Search the records that follow and extract every line containing the string "units".

##### The data

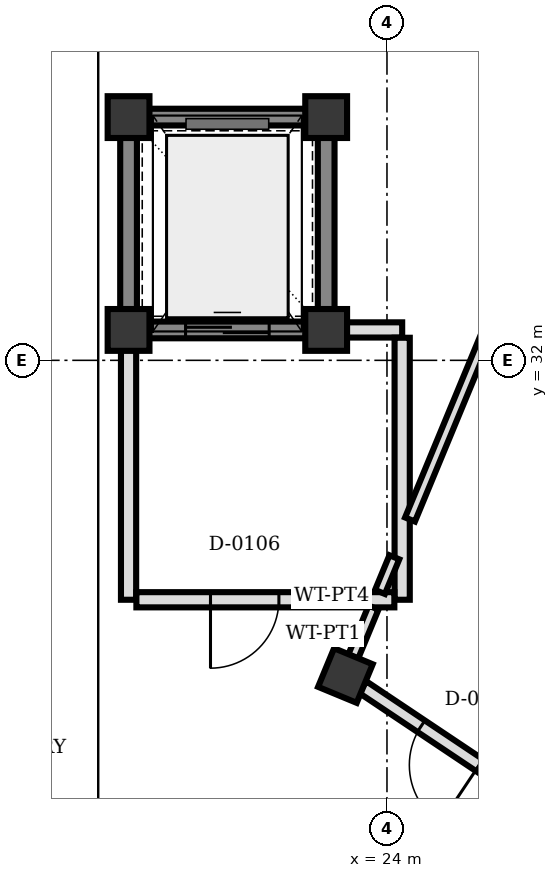
"""IFC4 building model, lengths in metres.
Left out: names, types, materials, properties, quantities, classifications, styles, units other than length and angle.
Written with IfcOpenShell. Run it as: python <this file> out.ifc"""

import sys

from ifc_helpers import new_model, si_unit, direction, frame, frame_2d, origin, origin_2d, place, context, subcontext, project, spatial, rectangle, extrude, element, fill, save


model = new_model("IFC4")
c1 = context("Model", 3, precision=1e-05, world=origin(), true_north=direction((0.0, 1.0)))
c2 = subcontext(c1, "Body", "Model", "MODEL_VIEW")
j1 = project(units=[si_unit("LENGTHUNIT", "METRE"), si_unit("PLANEANGLEUNIT", "RADIAN")], contexts=[c1])
p1 = place(None, origin())
s1 = spatial("IfcSite", under=j1, at=p1, CompositionType="ELEMENT")
p2 = place(p1, origin())
s2 = spatial("IfcBuilding", under=s1, at=p2, CompositionType="ELEMENT")
p3 = place(p2, frame((0.0, 0.0, 4.5)))
s3 = spatial("IfcBuildingStorey", under=s2, at=p3, CompositionType="ELEMENT", Elevation=4.5)
for number, where, z_axis, x_axis in (
    (1, (20.6, 32.4, 0.0), (0.0, 0.0, 1.0), (1.0, 0.0, 0.0)),
    (2, (23.2, 32.4, 0.0), (0.0, 0.0, 1.0), (1.0, 0.0, 0.0)),
    (3, (23.2, 35.2, 0.0), (0.0, 0.0, 1.0), (1.0, 0.0, 0.0)),
    (4, (20.6, 35.2, 0.0), (0.0, 0.0, 1.0), (1.0, 0.0, 0.0)),
    (5, (23.453, 27.853, 0.0), (0.0, 0.0, 1.0), (0.383, 0.924, 0.0)),
):
    element("IfcColumn", number, at=place(p3, frame(where, z_axis=z_axis, x_axis=x_axis)), inside=s3, PredefinedType="COLUMN", context=c2, shape_type="SweptSolid", body=[
        extrude(rectangle(XDim=0.55, YDim=0.55, at=origin_2d()), origin(), (0.0, 0.0, 1.0), 4.0),
    ])
p4 = place(p3, frame((20.867, 32.4, 0.0), z_axis=(0.0, 0.0, 1.0), x_axis=(1.0, 0.0, 0.0)))
e6 = element("IfcWall", 6, at=p4, inside=s3, PredefinedType="SHEAR", context=c2, shape_type="SweptSolid", body=[
    extrude(rectangle(XDim=2.066, YDim=0.22, at=frame_2d((1.033, 0.0))), origin(), (0.0, 0.0, 1.0), 3.74),
])
p5 = place(p4, frame((0.483, 0.0, 0.0)))
e7 = element("IfcOpeningElement", 7, at=p5, cuts=e6, PredefinedType="OPENING", context=c2, shape_type="SweptSolid", body=[
    extrude(rectangle(XDim=1.1, YDim=2.15, at=frame_2d((0.55, 1.075))), frame((0.0, 0.12, 0.0), z_axis=(0.0, -1.0, 0.0), x_axis=(1.0, 0.0, 0.0)), (0.0, 0.0, 1.0), 0.24),
])
p6 = place(p3, frame((23.2, 32.667, 0.0), z_axis=(0.0, 0.0, 1.0), x_axis=(0.0, 1.0, 0.0)))
e8 = element("IfcWall", 8, at=p6, inside=s3, PredefinedType="SHEAR", context=c2, shape_type="SweptSolid", body=[
    extrude(rectangle(XDim=2.266, YDim=0.22, at=frame_2d((1.133, 0.0))), origin(), (0.0, 0.0, 1.0), 3.74),
])
p7 = place(p3, frame((22.933, 35.2, 0.0), z_axis=(0.0, 0.0, 1.0), x_axis=(-1.0, 0.0, 0.0)))
e9 = element("IfcWall", 9, at=p7, inside=s3, PredefinedType="SHEAR", context=c2, shape_type="SweptSolid", body=[
    extrude(rectangle(XDim=2.066, YDim=0.22, at=frame_2d((1.033, 0.0))), origin(), (0.0, 0.0, 1.0), 3.74),
])
p8 = place(p3, frame((20.6, 34.933, 0.0), z_axis=(0.0, 0.0, 1.0), x_axis=(0.0, -1.0, 0.0)))
e10 = element("IfcWall", 10, at=p8, inside=s3, PredefinedType="SHEAR", context=c2, shape_type="SweptSolid", body=[
    extrude(rectangle(XDim=2.266, YDim=0.22, at=frame_2d((1.133, 0.0))), origin(), (0.0, 0.0, 1.0), 3.74),
])
p9 = place(p3, frame((23.467, 32.4, 0.0), z_axis=(0.0, 0.0, 1.0), x_axis=(1.0, 0.0, 0.0)))
e11 = element("IfcWall", 11, at=p9, inside=s3, PredefinedType="PARTITIONING", context=c2, shape_type="SweptSolid", body=[
    extrude(rectangle(XDim=0.733, YDim=0.2, at=frame_2d((0.366, 0.0))), origin(), (0.0, 0.0, 1.0), 3.7),
])
p10 = place(p3, frame((20.6, 28.85, 0.0), z_axis=(0.0, 0.0, 1.0), x_axis=(0.0, 1.0, 0.0)))
e12 = element("IfcWall", 12, at=p10, inside=s3, PredefinedType="PARTITIONING", context=c2, shape_type="SweptSolid", body=[
    extrude(rectangle(XDim=3.283, YDim=0.2, at=frame_2d((1.642, 0.0))), origin(), (0.0, 0.0, 1.0), 3.7),
])
p11 = place(p3, frame((24.2, 28.85, 0.0), z_axis=(0.0, 0.0, 1.0), x_axis=(0.0, 1.0, 0.0)))
e13 = element("IfcWall", 13, at=p11, inside=s3, PredefinedType="PARTITIONING", context=c2, shape_type="SweptSolid", body=[
    extrude(rectangle(XDim=3.447, YDim=0.2, at=frame_2d((1.724, 0.0))), origin(), (0.0, 0.0, 1.0), 3.072),
])
p12 = place(p3, frame((24.097, 28.85, 0.0), z_axis=(0.0, 0.0, 1.0), x_axis=(-1.0, 0.0, 0.0)))
e14 = element("IfcWall", 14, at=p12, inside=s3, PredefinedType="PARTITIONING", context=c2, shape_type="SweptSolid", body=[
    extrude(rectangle(XDim=3.394, YDim=0.2, at=frame_2d((1.697, 0.0))), origin(), (0.0, 0.0, 1.0), 3.072),
])
p13 = place(p12, frame((1.519, 0.0, 0.0)))
e15 = element("IfcOpeningElement", 15, at=p13, cuts=e14, PredefinedType="OPENING", context=c2, shape_type="SweptSolid", body=[
    extrude(rectangle(XDim=0.9, YDim=2.2, at=frame_2d((0.45, 1.1))), frame((0.0, 0.11, 0.0), z_axis=(0.0, -1.0, 0.0), x_axis=(1.0, 0.0, 0.0)), (0.0, 0.0, 1.0), 0.22),
])
p14 = place(p3, frame((23.555, 28.1, 0.0), z_axis=(0.0, 0.0, 1.0), x_axis=(0.38278283439, 0.923838352579, 0.0)))
e16 = element("IfcWall", 16, at=p14, inside=s3, PredefinedType="PARTITIONING", context=c2, shape_type="SweptSolid", body=[
    extrude(rectangle(XDim=0.7, YDim=0.14, at=frame_2d((0.35, 0.0))), origin(), (0.0, 0.0, 1.0), 3.072),
])
p15 = place(p3, frame((23.908, 28.953, 0.0), z_axis=(0.0, 0.0, 1.0), x_axis=(0.3827885685, 0.92383597669, 0.0)))
e17 = element("IfcWall", 17, at=p15, inside=s3, PredefinedType="PARTITIONING", context=c2, shape_type="SweptSolid", body=[
    extrude(rectangle(XDim=0.494, YDim=0.14, at=frame_2d((0.247, 0.0))), origin(), (0.0, 0.0, 1.0), 3.072),
])
p16 = place(p3, frame((24.303, 29.906, 0.0), z_axis=(0.0, 0.0, 1.0), x_axis=(0.382682035927, 0.923880110934, 0.0)))
e18 = element("IfcWall", 18, at=p16, inside=s3, PredefinedType="PARTITIONING", context=c2, shape_type="SweptSolid", body=[
    extrude(rectangle(XDim=6.486, YDim=0.14, at=frame_2d((3.243, 0.0))), origin(), (0.0, 0.0, 1.0), 3.072),
])
p17 = place(p3, frame((25.984, 26.161, 0.0), z_axis=(0.0, 0.0, 1.0), x_axis=(-0.831318045056, 0.555797002478, 0.0)))
e19 = element("IfcWall", 19, at=p17, inside=s3, PredefinedType="PARTITIONING", context=c2, shape_type="SweptSolid", body=[
    extrude(rectangle(XDim=2.773, YDim=0.18, at=frame_2d((1.386, 0.0))), origin(), (0.0, 0.0, 1.0), 3.072),
])
p18 = place(p17, frame((0.926, 0.0, 0.0)))
e20 = element("IfcOpeningElement", 20, at=p18, cuts=e19, PredefinedType="OPENING", context=c2, shape_type="SweptSolid", body=[
    extrude(rectangle(XDim=0.92, YDim=2.1, at=frame_2d((0.46, 1.05))), frame((0.0, 0.1, 0.0), z_axis=(0.0, -1.0, 0.0), x_axis=(1.0, 0.0, 0.0)), (0.0, 0.0, 1.0), 0.2),
])
p19 = place(p5, origin())
e21 = element("IfcDoor", 21, at=p19, inside=s3, OperationType="DOUBLE_DOOR_SLIDING", PredefinedType="DOOR", context=c2, shape_type="SweptSolid", body=[
    extrude(rectangle(XDim=1.1, YDim=2.15, at=frame_2d((0.55, 1.075))), frame((0.0, 0.025, 0.0), z_axis=(0.0, -1.0, 0.0), x_axis=(1.0, 0.0, 0.0)), (0.0, 0.0, 1.0), 0.05),
])
fill(e7, e21)
p20 = place(p13, origin())
e22 = element("IfcDoor", 22, at=p20, inside=s3, OperationType="SINGLE_SWING_RIGHT", PredefinedType="DOOR", context=c2, shape_type="SweptSolid", body=[
    extrude(rectangle(XDim=0.9, YDim=2.2, at=frame_2d((0.45, 1.1))), frame((0.0, 0.025, 0.0), z_axis=(0.0, -1.0, 0.0), x_axis=(1.0, 0.0, 0.0)), (0.0, 0.0, 1.0), 0.05),
])
fill(e15, e22)
p21 = place(p18, origin())
e23 = element("IfcDoor", 23, at=p21, inside=s3, OperationType="SINGLE_SWING_LEFT", PredefinedType="DOOR", context=c2, shape_type="SweptSolid", body=[
    extrude(rectangle(XDim=0.92, YDim=2.1, at=frame_2d((0.46, 1.05))), frame((0.0, 0.025, 0.0), z_axis=(0.0, -1.0, 0.0), x_axis=(1.0, 0.0, 0.0)), (0.0, 0.0, 1.0), 0.05),
])
fill(e20, e23)
save(model, sys.argv[1])

##########

Answer space —
Left out: names, types, materials, properties, quantities, classifications, styles, units other than length and angle.
j1 = project(units=[si_unit("LENGTHUNIT", "METRE"), si_unit("PLANEANGLEUNIT", "RADIAN")], contexts=[c1])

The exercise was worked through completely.